* [Data records]
....

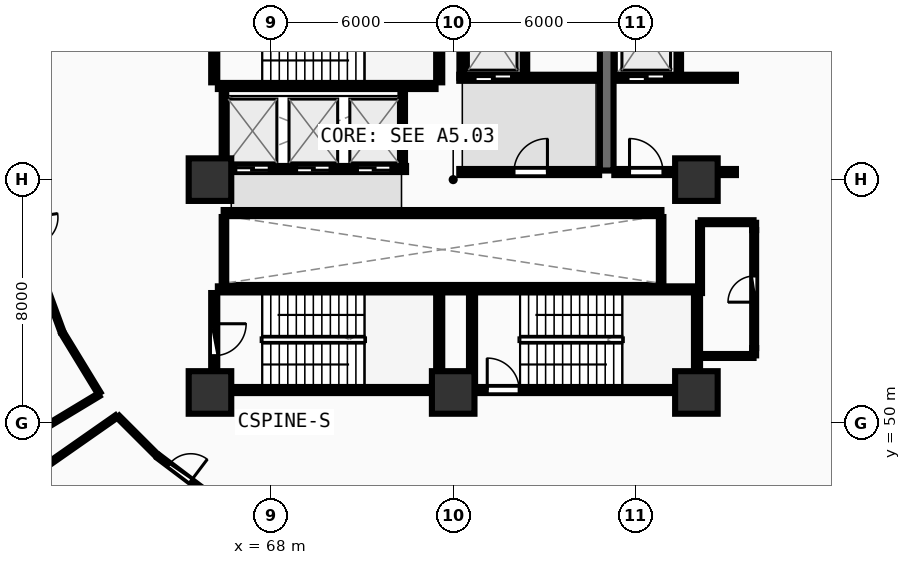
"""IFC4 building model, lengths in metres.
Left out: names, types, materials, properties, quantities, classifications, styles, units other than length and angle.
Written with IfcOpenShell. Run it as: python <this file> out.ifc"""

import sys

from ifc_helpers import new_model, si_unit, direction, frame, frame_2d, origin, origin_2d, place, context, subcontext, project, spatial, rectangle, extrude, element, fill, save


model = new_model("IFC4")
c1 = context("Model", 3, precision=1e-05, world=origin(), true_north=direction((0.0, 1.0)))
c2 = subcontext(c1, "Body", "Model", "MODEL_VIEW")
j1 = project(units=[si_unit("LENGTHUNIT", "METRE"), si_unit("PLANEANGLEUNIT", "RADIAN")], contexts=[c1])
p1 = place(None, origin())
s1 = spatial("IfcSite", under=j1, at=p1, CompositionType="ELEMENT")
p2 = place(p1, origin())
s2 = spatial("IfcBuilding", under=s1, at=p2, CompositionType="ELEMENT")
p3 = place(p2, frame((0.0, 0.0, 9.0)))
s3 = spatial("IfcBuildingStorey", under=s2, at=p3, CompositionType="ELEMENT", Elevation=9.0)
for number, where, z_axis, x_axis in (
    (1, (66.0, 51.0, 0.0), (0.0, 0.0, 1.0), (1.0, 0.0, 0.0)),
    (2, (74.0, 51.0, 0.0), (0.0, 0.0, 1.0), (1.0, 0.0, 0.0)),
    (3, (82.0, 51.0, 0.0), (0.0, 0.0, 1.0), (1.0, 0.0, 0.0)),
    (4, (82.0, 58.0, 0.0), (0.0, 0.0, 1.0), (1.0, 0.0, 0.0)),
    (5, (66.0, 58.0, 0.0), (0.0, 0.0, 1.0), (1.0, 0.0, 0.0)),
):
    element("IfcColumn", number, at=place(p3, frame(where, z_axis=z_axis, x_axis=x_axis)), inside=s3, PredefinedType="PILASTER", context=c2, shape_type="SweptSolid", body=[
        extrude(rectangle(XDim=1.4, YDim=1.4, at=origin_2d()), origin(), (0.0, 0.0, 1.0), 4.5),
    ])
p4 = place(p3, frame((66.26, 61.08, 0.0), z_axis=(0.0, 0.0, 1.0), x_axis=(1.0, 0.0, 0.0)))
e6 = element("IfcWall", 6, at=p4, inside=s3, PredefinedType="SHEAR", context=c2, shape_type="SweptSolid", body=[
    extrude(rectangle(XDim=7.16, YDim=0.2, at=frame_2d((3.58, 0.0))), origin(), (0.0, 0.0, 1.0), 4.1),
])
p5 = place(p3, frame((73.54, 61.2, 0.0), z_axis=(0.0, 0.0, 1.0), x_axis=(0.0, 1.0, 0.0)))
e7 = element("IfcWall", 7, at=p5, inside=s3, PredefinedType="SHEAR", context=c2, shape_type="SweptSolid", body=[
    extrude(rectangle(XDim=3.07, YDim=0.2, at=frame_2d((1.535, 0.0))), origin(), (0.0, 0.0, 1.0), 4.1),
])
p6 = place(p3, frame((66.14, 64.27, 0.0), z_axis=(0.0, 0.0, 1.0), x_axis=(0.0, -1.0, 0.0)))
e8 = element("IfcWall", 8, at=p6, inside=s3, PredefinedType="SHEAR", context=c2, shape_type="SweptSolid", body=[
    extrude(rectangle(XDim=3.07, YDim=0.2, at=frame_2d((1.535, 0.0))), origin(), (0.0, 0.0, 1.0), 4.1),
])
p7 = place(p6, frame((1.01, 0.0, 0.0)))
e9 = element("IfcOpeningElement", 9, at=p7, cuts=e8, PredefinedType="OPENING", context=c2, shape_type="SweptSolid", body=[
    extrude(rectangle(XDim=1.05, YDim=2.1, at=frame_2d((0.525, 1.05))), frame((0.0, 0.11, 0.0), z_axis=(0.0, -1.0, 0.0), x_axis=(1.0, 0.0, 0.0)), (0.0, 0.0, 1.0), 0.22),
])
p8 = place(p3, frame((74.0, 51.08, 0.0), z_axis=(0.0, 0.0, 1.0), x_axis=(1.0, 0.0, 0.0)))
e10 = element("IfcWall", 10, at=p8, inside=s3, PredefinedType="SHEAR", context=c2, shape_type="SweptSolid", body=[
    extrude(rectangle(XDim=7.9, YDim=0.2, at=frame_2d((3.95, 0.0))), origin(), (0.0, 0.0, 1.0), 4.1),
])
p9 = place(p8, frame((1.12, 0.0, 0.0)))
e11 = element("IfcOpeningElement", 11, at=p9, cuts=e10, PredefinedType="OPENING", context=c2, shape_type="SweptSolid", body=[
    extrude(rectangle(XDim=1.05, YDim=2.1, at=frame_2d((0.525, 1.05))), frame((0.0, 0.11, 0.0), z_axis=(0.0, -1.0, 0.0), x_axis=(1.0, 0.0, 0.0)), (0.0, 0.0, 1.0), 0.22),
])
p10 = place(p3, frame((82.02, 51.2, 0.0), z_axis=(0.0, 0.0, 1.0), x_axis=(0.0, 1.0, 0.0)))
e12 = element("IfcWall", 12, at=p10, inside=s3, PredefinedType="SHEAR", context=c2, shape_type="SweptSolid", body=[
    extrude(rectangle(XDim=3.07, YDim=0.2, at=frame_2d((1.535, 0.0))), origin(), (0.0, 0.0, 1.0), 4.1),
])
p11 = place(p3, frame((81.9, 54.39, 0.0), z_axis=(0.0, 0.0, 1.0), x_axis=(-1.0, 0.0, 0.0)))
e13 = element("IfcWall", 13, at=p11, inside=s3, PredefinedType="SHEAR", context=c2, shape_type="SweptSolid", body=[
    extrude(rectangle(XDim=8.46, YDim=0.2, at=frame_2d((4.23, 0.0))), origin(), (0.0, 0.0, 1.0), 4.1),
])
p12 = place(p3, frame((74.62, 54.27, 0.0), z_axis=(0.0, 0.0, 1.0), x_axis=(0.0, -1.0, 0.0)))
e14 = element("IfcWall", 14, at=p12, inside=s3, PredefinedType="SHEAR", context=c2, shape_type="SweptSolid", body=[
    extrude(rectangle(XDim=3.07, YDim=0.2, at=frame_2d((1.535, 0.0))), origin(), (0.0, 0.0, 1.0), 4.1),
])
p13 = place(p3, frame((66.26, 51.08, 0.0), z_axis=(0.0, 0.0, 1.0), x_axis=(1.0, 0.0, 0.0)))
e15 = element("IfcWall", 15, at=p13, inside=s3, PredefinedType="SHEAR", context=c2, shape_type="SweptSolid", body=[
    extrude(rectangle(XDim=7.16, YDim=0.2, at=frame_2d((3.58, 0.0))), origin(), (0.0, 0.0, 1.0), 4.1),
])
p14 = place(p3, frame((73.54, 51.2, 0.0), z_axis=(0.0, 0.0, 1.0), x_axis=(0.0, 1.0, 0.0)))
e16 = element("IfcWall", 16, at=p14, inside=s3, PredefinedType="SHEAR", context=c2, shape_type="SweptSolid", body=[
    extrude(rectangle(XDim=3.07, YDim=0.2, at=frame_2d((1.535, 0.0))), origin(), (0.0, 0.0, 1.0), 4.1),
])
p15 = place(p3, frame((73.42, 54.39, 0.0), z_axis=(0.0, 0.0, 1.0), x_axis=(-1.0, 0.0, 0.0)))
e17 = element("IfcWall", 17, at=p15, inside=s3, PredefinedType="SHEAR", context=c2, shape_type="SweptSolid", body=[
    extrude(rectangle(XDim=7.16, YDim=0.2, at=frame_2d((3.58, 0.0))), origin(), (0.0, 0.0, 1.0), 4.1),
])
p16 = place(p3, frame((66.14, 54.27, 0.0), z_axis=(0.0, 0.0, 1.0), x_axis=(0.0, -1.0, 0.0)))
e18 = element("IfcWall", 18, at=p16, inside=s3, PredefinedType="SHEAR", context=c2, shape_type="SweptSolid", body=[
    extrude(rectangle(XDim=3.07, YDim=0.2, at=frame_2d((1.535, 0.0))), origin(), (0.0, 0.0, 1.0), 4.1),
])
p17 = place(p16, frame((1.01, 0.0, 0.0)))
e19 = element("IfcOpeningElement", 19, at=p17, cuts=e18, PredefinedType="OPENING", context=c2, shape_type="SweptSolid", body=[
    extrude(rectangle(XDim=1.05, YDim=2.1, at=frame_2d((0.525, 1.05))), frame((0.0, 0.11, 0.0), z_axis=(0.0, -1.0, 0.0), x_axis=(1.0, 0.0, 0.0)), (0.0, 0.0, 1.0), 0.22),
])
p18 = place(p3, frame((79.05, 58.3, 0.0), z_axis=(0.0, 0.0, 1.0), x_axis=(0.0, 1.0, 0.0)))
e20 = element("IfcWall", 20, at=p18, inside=s3, PredefinedType="SHEAR", context=c2, shape_type="SweptSolid", body=[
    extrude(rectangle(XDim=6.3, YDim=0.45, at=frame_2d((3.15, 0.0))), origin(), (0.0, 0.0, 1.0), 4.1),
])
p19 = place(p3, frame((74.2, 61.35, 0.0), z_axis=(0.0, 0.0, 1.0), x_axis=(1.0, 0.0, 0.0)))
e21 = element("IfcWall", 21, at=p19, inside=s3, PredefinedType="SOLIDWALL", context=c2, shape_type="SweptSolid", body=[
    extrude(rectangle(XDim=4.6, YDim=0.2, at=frame_2d((2.3, 0.0))), origin(), (0.0, 0.0, 1.0), 4.09),
])
p20 = place(p19, frame((0.52, 0.0, 0.0)))
e22 = element("IfcOpeningElement", 22, at=p20, cuts=e21, PredefinedType="OPENING", context=c2, shape_type="SweptSolid", body=[
    extrude(rectangle(XDim=1.2, YDim=2.15, at=frame_2d((0.6, 1.075))), frame((0.0, 0.11, 0.0), z_axis=(0.0, -1.0, 0.0), x_axis=(1.0, 0.0, 0.0)), (0.0, 0.0, 1.0), 0.22),
])
p21 = place(p3, frame((74.28, 61.35, 0.0), z_axis=(0.0, 0.0, 1.0), x_axis=(0.0, 1.0, 0.0)))
e23 = element("IfcWall", 23, at=p21, inside=s3, PredefinedType="PARTITIONING", context=c2, shape_type="SweptSolid", body=[
    extrude(rectangle(XDim=2.97, YDim=0.15, at=frame_2d((1.485, 0.0))), origin(), (0.0, 0.0, 1.0), 4.09),
])
p22 = place(p3, frame((76.36, 61.48, 0.0), z_axis=(0.0, 0.0, 1.0), x_axis=(0.0, 1.0, 0.0)))
e24 = element("IfcWall", 24, at=p22, inside=s3, PredefinedType="PARTITIONING", context=c2, shape_type="SweptSolid", body=[
    extrude(rectangle(XDim=2.84, YDim=0.15, at=frame_2d((1.42, 0.0))), origin(), (0.0, 0.0, 1.0), 4.09),
])
p23 = place(p3, frame((79.3, 61.35, 0.0), z_axis=(0.0, 0.0, 1.0), x_axis=(1.0, 0.0, 0.0)))
e25 = element("IfcWall", 25, at=p23, inside=s3, PredefinedType="SOLIDWALL", context=c2, shape_type="SweptSolid", body=[
    extrude(rectangle(XDim=4.0, YDim=0.2, at=frame_2d((2.0, 0.0))), origin(), (0.0, 0.0, 1.0), 3.385),
])
p24 = place(p23, frame((0.45, 0.0, 0.0)))
e26 = element("IfcOpeningElement", 26, at=p24, cuts=e25, PredefinedType="OPENING", context=c2, shape_type="SweptSolid", body=[
    extrude(rectangle(XDim=1.2, YDim=2.15, at=frame_2d((0.6, 1.075))), frame((0.0, 0.11, 0.0), z_axis=(0.0, -1.0, 0.0), x_axis=(1.0, 0.0, 0.0)), (0.0, 0.0, 1.0), 0.22),
])
p25 = place(p3, frame((81.42, 61.48, 0.0), z_axis=(0.0, 0.0, 1.0), x_axis=(0.0, 1.0, 0.0)))
e27 = element("IfcWall", 27, at=p25, inside=s3, PredefinedType="PARTITIONING", context=c2, shape_type="SweptSolid", body=[
    extrude(rectangle(XDim=2.84, YDim=0.15, at=frame_2d((1.42, 0.0))), origin(), (0.0, 0.0, 1.0), 4.09),
])
p26 = place(p3, frame((74.2, 58.25, 0.0), z_axis=(0.0, 0.0, 1.0), x_axis=(1.0, 0.0, 0.0)))
e28 = element("IfcWall", 28, at=p26, inside=s3, PredefinedType="SOLIDWALL", context=c2, shape_type="SweptSolid", body=[
    extrude(rectangle(XDim=4.6, YDim=0.2, at=frame_2d((2.3, 0.0))), origin(), (0.0, 0.0, 1.0), 4.09),
])
p27 = place(p26, frame((1.8, 0.0, 0.0)))
e29 = element("IfcOpeningElement", 29, at=p27, cuts=e28, PredefinedType="OPENING", context=c2, shape_type="SweptSolid", body=[
    extrude(rectangle(XDim=1.1, YDim=2.1, at=frame_2d((0.55, 1.05))), frame((0.0, 0.11, 0.0), z_axis=(0.0, -1.0, 0.0), x_axis=(1.0, 0.0, 0.0)), (0.0, 0.0, 1.0), 0.22),
])
p28 = place(p3, frame((79.3, 58.25, 0.0), z_axis=(0.0, 0.0, 1.0), x_axis=(1.0, 0.0, 0.0)))
e30 = element("IfcWall", 30, at=p28, inside=s3, PredefinedType="SOLIDWALL", context=c2, shape_type="SweptSolid", body=[
    extrude(rectangle(XDim=4.0, YDim=0.2, at=frame_2d((2.0, 0.0))), origin(), (0.0, 0.0, 1.0), 3.385),
])
p29 = place(p28, frame((0.5, 0.0, 0.0)))
e31 = element("IfcOpeningElement", 31, at=p29, cuts=e30, PredefinedType="OPENING", context=c2, shape_type="SweptSolid", body=[
    extrude(rectangle(XDim=1.1, YDim=2.1, at=frame_2d((0.55, 1.05))), frame((0.0, 0.11, 0.0), z_axis=(0.0, -1.0, 0.0), x_axis=(1.0, 0.0, 0.0)), (0.0, 0.0, 1.0), 0.22),
])
p30 = place(p3, frame((66.45, 58.35, 0.0), z_axis=(0.0, 0.0, 1.0), x_axis=(1.0, 0.0, 0.0)))
e32 = element("IfcWall", 32, at=p30, inside=s3, PredefinedType="SOLIDWALL", context=c2, shape_type="SweptSolid", body=[
    extrude(rectangle(XDim=6.0, YDim=0.2, at=frame_2d((3.0, 0.0))), origin(), (0.0, 0.0, 1.0), 4.09),
])
p31 = place(p30, frame((0.4, 0.0, 0.0)))
e33 = element("IfcOpeningElement", 33, at=p31, cuts=e32, PredefinedType="OPENING", context=c2, shape_type="SweptSolid", body=[
    extrude(rectangle(XDim=1.1, YDim=2.1, at=frame_2d((0.55, 1.05))), frame((0.0, 0.11, 0.0), z_axis=(0.0, -1.0, 0.0), x_axis=(1.0, 0.0, 0.0)), (0.0, 0.0, 1.0), 0.22),
])
p32 = place(p30, frame((2.4, 0.0, 0.0)))
e34 = element("IfcOpeningElement", 34, at=p32, cuts=e32, PredefinedType="OPENING", context=c2, shape_type="SweptSolid", body=[
    extrude(rectangle(XDim=1.1, YDim=2.1, at=frame_2d((0.55, 1.05))), frame((0.0, 0.11, 0.0), z_axis=(0.0, -1.0, 0.0), x_axis=(1.0, 0.0, 0.0)), (0.0, 0.0, 1.0), 0.22),
])
p33 = place(p30, frame((4.4, 0.0, 0.0)))
e35 = element("IfcOpeningElement", 35, at=p33, cuts=e32, PredefinedType="OPENING", context=c2, shape_type="SweptSolid", body=[
    extrude(rectangle(XDim=1.1, YDim=2.1, at=frame_2d((0.55, 1.05))), frame((0.0, 0.11, 0.0), z_axis=(0.0, -1.0, 0.0), x_axis=(1.0, 0.0, 0.0)), (0.0, 0.0, 1.0), 0.22),
])
for number, where, z_axis, x_axis in (
    (36, (66.46, 58.48, 0.0), (0.0, 0.0, 1.0), (0.0, 1.0, 0.0)),
    (37, (72.34, 58.48, 0.0), (0.0, 0.0, 1.0), (0.0, 1.0, 0.0)),
):
    element("IfcWall", number, at=place(p3, frame(where, z_axis=z_axis, x_axis=x_axis)), inside=s3, PredefinedType="PARTITIONING", context=c2, shape_type="SweptSolid", body=[
        extrude(rectangle(XDim=2.46, YDim=0.15, at=frame_2d((1.23, 0.0))), origin(), (0.0, 0.0, 1.0), 4.09),
    ])
p34 = place(p3, frame((66.45, 56.9, 0.0), z_axis=(0.0, 0.0, 1.0), x_axis=(1.0, 0.0, 0.0)))
e38 = element("IfcWall", 38, at=p34, inside=s3, PredefinedType="SOLIDWALL", context=c2, shape_type="SweptSolid", body=[
    extrude(rectangle(XDim=14.4, YDim=0.2, at=frame_2d((7.2, 0.0))), origin(), (0.0, 0.0, 1.0), 4.09),
])
for number, where, z_axis, x_axis in (
    (39, (66.46, 54.48, 0.0), (0.0, 0.0, 1.0), (0.0, 1.0, 0.0)),
    (40, (80.84, 54.48, 0.0), (0.0, 0.0, 1.0), (0.0, 1.0, 0.0)),
):
    element("IfcWall", number, at=place(p3, frame(where, z_axis=z_axis, x_axis=x_axis)), inside=s3, PredefinedType="PARTITIONING", context=c2, shape_type="SweptSolid", body=[
        extrude(rectangle(XDim=2.29, YDim=0.15, at=frame_2d((1.145, 0.0))), origin(), (0.0, 0.0, 1.0), 4.09),
    ])
p35 = place(p3, frame((83.9, 52.46, 0.0), z_axis=(0.0, 0.0, 1.0), x_axis=(0.0, 1.0, 0.0)))
e41 = element("IfcWall", 41, at=p35, inside=s3, PredefinedType="PLUMBINGWALL", context=c2, shape_type="SweptSolid", body=[
    extrude(rectangle(XDim=3.88, YDim=0.13, at=frame_2d((1.94, 0.0))), origin(), (0.0, 0.0, 1.0), 4.09),
])
p36 = place(p35, frame((1.51, 0.0, 0.0)))
e42 = element("IfcOpeningElement", 42, at=p36, cuts=e41, PredefinedType="OPENING", context=c2, shape_type="SweptSolid", body=[
    extrude(rectangle(XDim=0.86, YDim=2.05, at=frame_2d((0.43, 1.025))), frame((0.0, 0.075, 0.0), z_axis=(0.0, -1.0, 0.0), x_axis=(1.0, 0.0, 0.0)), (0.0, 0.0, 1.0), 0.15),
])
p37 = place(p3, frame((64.309, 48.886, 0.0), z_axis=(0.0, 0.0, 1.0), x_axis=(0.797861385226, -0.602840949144, 0.0)))
e43 = element("IfcWall", 43, at=p37, inside=s3, PredefinedType="PARTITIONING", context=c2, shape_type="SweptSolid", body=[
    extrude(rectangle(XDim=1.758, YDim=0.12, at=frame_2d((0.879, 0.0))), origin(), (0.0, 0.0, 1.0), 3.485),
])
p38 = place(p37, frame((0.429, 0.0, 0.0)))
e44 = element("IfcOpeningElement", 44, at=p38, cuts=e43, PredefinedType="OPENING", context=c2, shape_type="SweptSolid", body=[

....

Please reproduce exactly and only the lines from the first line of the records through the line containing "world=origin(), true_north=direction((0.0, 1.0)))", both included, omitting any pictures.

"""IFC4 building model, lengths in metres.
Left out: names, types, materials, properties, quantities, classifications, styles, units other than length and angle.
Written with IfcOpenShell. Run it as: python <this file> out.ifc"""

import sys

from ifc_helpers import new_model, si_unit, direction, frame, frame_2d, origin, origin_2d, place, context, subcontext, project, spatial, rectangle, extrude, element, fill, save


model = new_model("IFC4")
c1 = context("Model", 3, precision=1e-05, world=origin(), true_north=direction((0.0, 1.0)))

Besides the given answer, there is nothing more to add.